▼

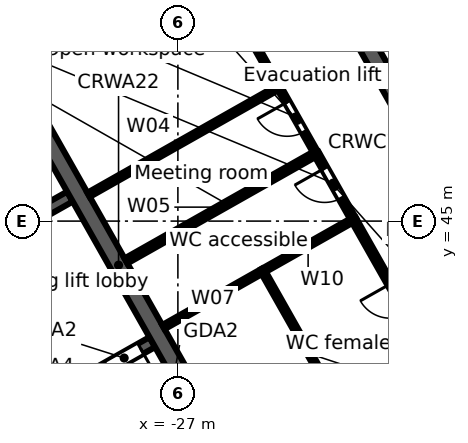
"""IFC4 building model, lengths in metres.
Left out: names, types, materials, properties, quantities, classifications, styles, units other than length and angle.
Written with IfcOpenShell. Run it as: python <this file> out.ifc"""

import sys

from ifc_helpers import new_model, si_unit, direction, frame, frame_2d, origin, place, context, subcontext, project, spatial, rectangle, extrude, element, fill, save


model = new_model("IFC4")
c1 = context("Model", 3, precision=1e-05, world=origin(), true_north=direction((0.0, 1.0)))
c2 = subcontext(c1, "Body", "Model", "MODEL_VIEW")
j1 = project(units=[si_unit("LENGTHUNIT", "METRE"), si_unit("PLANEANGLEUNIT", "RADIAN")], contexts=[c1])
p1 = place(None, origin())
s1 = spatial("IfcSite", under=j1, at=p1, CompositionType="ELEMENT")
p2 = place(p1, origin())
s2 = spatial("IfcBuilding", under=s1, at=p2, CompositionType="ELEMENT")
p3 = place(p2, frame((0.0, 0.0, 211.4)))
s3 = spatial("IfcBuildingStorey", under=s2, at=p3, CompositionType="ELEMENT", Elevation=211.4)
p4 = place(p3, frame((-0.046, 47.974, 0.0), z_axis=(0.0, 0.0, 1.0), x_axis=(-0.870356579543, -0.492421998337, 0.0)))
e1 = element("IfcWall", 1, at=p4, inside=s3, PredefinedType="STANDARD", context=c2, shape_type="SweptSolid", body=[
    extrude(rectangle(XDim=43.754, YDim=0.25, at=frame_2d((21.877, 0.0))), origin(), (0.0, 0.0, 1.0), 3.62),
])
p5 = place(p4, frame((41.061, 0.0, 0.8)))
e2 = element("IfcOpeningElement", 2, at=p5, cuts=e1, PredefinedType="OPENING", context=c2, shape_type="SweptSolid", body=[
    extrude(rectangle(XDim=2.4, YDim=2.2, at=frame_2d((1.2, 1.1))), frame((0.0, 0.135, 0.0), z_axis=(0.0, -1.0, 0.0), x_axis=(1.0, 0.0, 0.0)), (0.0, 0.0, 1.0), 0.27),
])
p6 = place(p4, frame((38.443, 0.0, 0.0)))
e3 = element("IfcOpeningElement", 3, at=p6, cuts=e1, PredefinedType="OPENING", context=c2, shape_type="SweptSolid", body=[
    extrude(rectangle(XDim=1.8, YDim=2.4, at=frame_2d((0.9, 1.2))), frame((0.0, 0.135, 0.0), z_axis=(0.0, -1.0, 0.0), x_axis=(1.0, 0.0, 0.0)), (0.0, 0.0, 1.0), 0.27),
])
p7 = place(p4, frame((35.225, 0.0, 0.8)))
e4 = element("IfcOpeningElement", 4, at=p7, cuts=e1, PredefinedType="OPENING", context=c2, shape_type="SweptSolid", body=[
    extrude(rectangle(XDim=2.4, YDim=2.2, at=frame_2d((1.2, 1.1))), frame((0.0, 0.135, 0.0), z_axis=(0.0, -1.0, 0.0), x_axis=(1.0, 0.0, 0.0)), (0.0, 0.0, 1.0), 0.27),
])
p8 = place(p4, frame((32.307, 0.0, 0.8)))
e5 = element("IfcOpeningElement", 5, at=p8, cuts=e1, PredefinedType="OPENING", context=c2, shape_type="SweptSolid", body=[
    extrude(rectangle(XDim=2.4, YDim=2.2, at=frame_2d((1.2, 1.1))), frame((0.0, 0.135, 0.0), z_axis=(0.0, -1.0, 0.0), x_axis=(1.0, 0.0, 0.0)), (0.0, 0.0, 1.0), 0.27),
])
p9 = place(p4, frame((29.688, 0.0, 0.0)))
e6 = element("IfcOpeningElement", 6, at=p9, cuts=e1, PredefinedType="OPENING", context=c2, shape_type="SweptSolid", body=[
    extrude(rectangle(XDim=1.8, YDim=2.4, at=frame_2d((0.9, 1.2))), frame((0.0, 0.135, 0.0), z_axis=(0.0, -1.0, 0.0), x_axis=(1.0, 0.0, 0.0)), (0.0, 0.0, 1.0), 0.27),
])
p10 = place(p4, frame((26.47, 0.0, 0.8)))
e7 = element("IfcOpeningElement", 7, at=p10, cuts=e1, PredefinedType="OPENING", context=c2, shape_type="SweptSolid", body=[
    extrude(rectangle(XDim=2.4, YDim=2.2, at=frame_2d((1.2, 1.1))), frame((0.0, 0.135, 0.0), z_axis=(0.0, -1.0, 0.0), x_axis=(1.0, 0.0, 0.0)), (0.0, 0.0, 1.0), 0.27),
])
p11 = place(p4, frame((23.552, 0.0, 0.8)))
e8 = element("IfcOpeningElement", 8, at=p11, cuts=e1, PredefinedType="OPENING", context=c2, shape_type="SweptSolid", body=[
    extrude(rectangle(XDim=2.4, YDim=2.2, at=frame_2d((1.2, 1.1))), frame((0.0, 0.135, 0.0), z_axis=(0.0, -1.0, 0.0), x_axis=(1.0, 0.0, 0.0)), (0.0, 0.0, 1.0), 0.27),
])
p12 = place(p4, frame((20.934, 0.0, 0.0)))
e9 = element("IfcOpeningElement", 9, at=p12, cuts=e1, PredefinedType="OPENING", context=c2, shape_type="SweptSolid", body=[
    extrude(rectangle(XDim=1.8, YDim=2.4, at=frame_2d((0.9, 1.2))), frame((0.0, 0.135, 0.0), z_axis=(0.0, -1.0, 0.0), x_axis=(1.0, 0.0, 0.0)), (0.0, 0.0, 1.0), 0.27),
])
p13 = place(p4, frame((17.716, 0.0, 0.8)))
e10 = element("IfcOpeningElement", 10, at=p13, cuts=e1, PredefinedType="OPENING", context=c2, shape_type="SweptSolid", body=[
    extrude(rectangle(XDim=2.4, YDim=2.2, at=frame_2d((1.2, 1.1))), frame((0.0, 0.135, 0.0), z_axis=(0.0, -1.0, 0.0), x_axis=(1.0, 0.0, 0.0)), (0.0, 0.0, 1.0), 0.27),
])
p14 = place(p4, frame((14.798, 0.0, 0.8)))
e11 = element("IfcOpeningElement", 11, at=p14, cuts=e1, PredefinedType="OPENING", context=c2, shape_type="SweptSolid", body=[
    extrude(rectangle(XDim=2.4, YDim=2.2, at=frame_2d((1.2, 1.1))), frame((0.0, 0.135, 0.0), z_axis=(0.0, -1.0, 0.0), x_axis=(1.0, 0.0, 0.0)), (0.0, 0.0, 1.0), 0.27),
])
p15 = place(p4, frame((12.179, 0.0, 0.0)))
e12 = element("IfcOpeningElement", 12, at=p15, cuts=e1, PredefinedType="OPENING", context=c2, shape_type="SweptSolid", body=[
    extrude(rectangle(XDim=1.8, YDim=2.4, at=frame_2d((0.9, 1.2))), frame((0.0, 0.135, 0.0), z_axis=(0.0, -1.0, 0.0), x_axis=(1.0, 0.0, 0.0)), (0.0, 0.0, 1.0), 0.27),
])
p16 = place(p4, frame((8.961, 0.0, 0.8)))
e13 = element("IfcOpeningElement", 13, at=p16, cuts=e1, PredefinedType="OPENING", context=c2, shape_type="SweptSolid", body=[
    extrude(rectangle(XDim=2.4, YDim=2.2, at=frame_2d((1.2, 1.1))), frame((0.0, 0.135, 0.0), z_axis=(0.0, -1.0, 0.0), x_axis=(1.0, 0.0, 0.0)), (0.0, 0.0, 1.0), 0.27),
])
p17 = place(p4, frame((6.043, 0.0, 0.8)))
e14 = element("IfcOpeningElement", 14, at=p17, cuts=e1, PredefinedType="OPENING", context=c2, shape_type="SweptSolid", body=[
    extrude(rectangle(XDim=2.4, YDim=2.2, at=frame_2d((1.2, 1.1))), frame((0.0, 0.135, 0.0), z_axis=(0.0, -1.0, 0.0), x_axis=(1.0, 0.0, 0.0)), (0.0, 0.0, 1.0), 0.27),
])
p18 = place(p4, frame((3.425, 0.0, 0.0)))
e15 = element("IfcOpeningElement", 15, at=p18, cuts=e1, PredefinedType="OPENING", context=c2, shape_type="SweptSolid", body=[
    extrude(rectangle(XDim=1.8, YDim=2.4, at=frame_2d((0.9, 1.2))), frame((0.0, 0.135, 0.0), z_axis=(0.0, -1.0, 0.0), x_axis=(1.0, 0.0, 0.0)), (0.0, 0.0, 1.0), 0.27),
])
p19 = place(p4, frame((0.207, 0.0, 0.8)))
e16 = element("IfcOpeningElement", 16, at=p19, cuts=e1, PredefinedType="OPENING", context=c2, shape_type="SweptSolid", body=[
    extrude(rectangle(XDim=2.4, YDim=2.2, at=frame_2d((1.2, 1.1))), frame((0.0, 0.135, 0.0), z_axis=(0.0, -1.0, 0.0), x_axis=(1.0, 0.0, 0.0)), (0.0, 0.0, 1.0), 0.27),
])
p20 = place(p3, frame((-58.732, 38.771, 0.0), z_axis=(0.0, 0.0, 1.0), x_axis=(0.870354824205, 0.492425100887, 0.0)))
e17 = element("IfcWall", 17, at=p20, inside=s3, PredefinedType="STANDARD", context=c2, shape_type="SweptSolid", body=[
    extrude(rectangle(XDim=64.006, YDim=0.25, at=frame_2d((32.003, 0.0))), origin(), (0.0, 0.0, 1.0), 3.62),
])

▲

- [Your objective] Search the material for "inside" and copy each matching line.

- [Answer to this problem]
e1 = element("IfcWall", 1, at=p4, inside=s3, PredefinedType="STANDARD", context=c2, shape_type="SweptSolid", body=[
e17 = element("IfcWall", 17, at=p20, inside=s3, PredefinedType="STANDARD", context=c2, shape_type="SweptSolid", body=[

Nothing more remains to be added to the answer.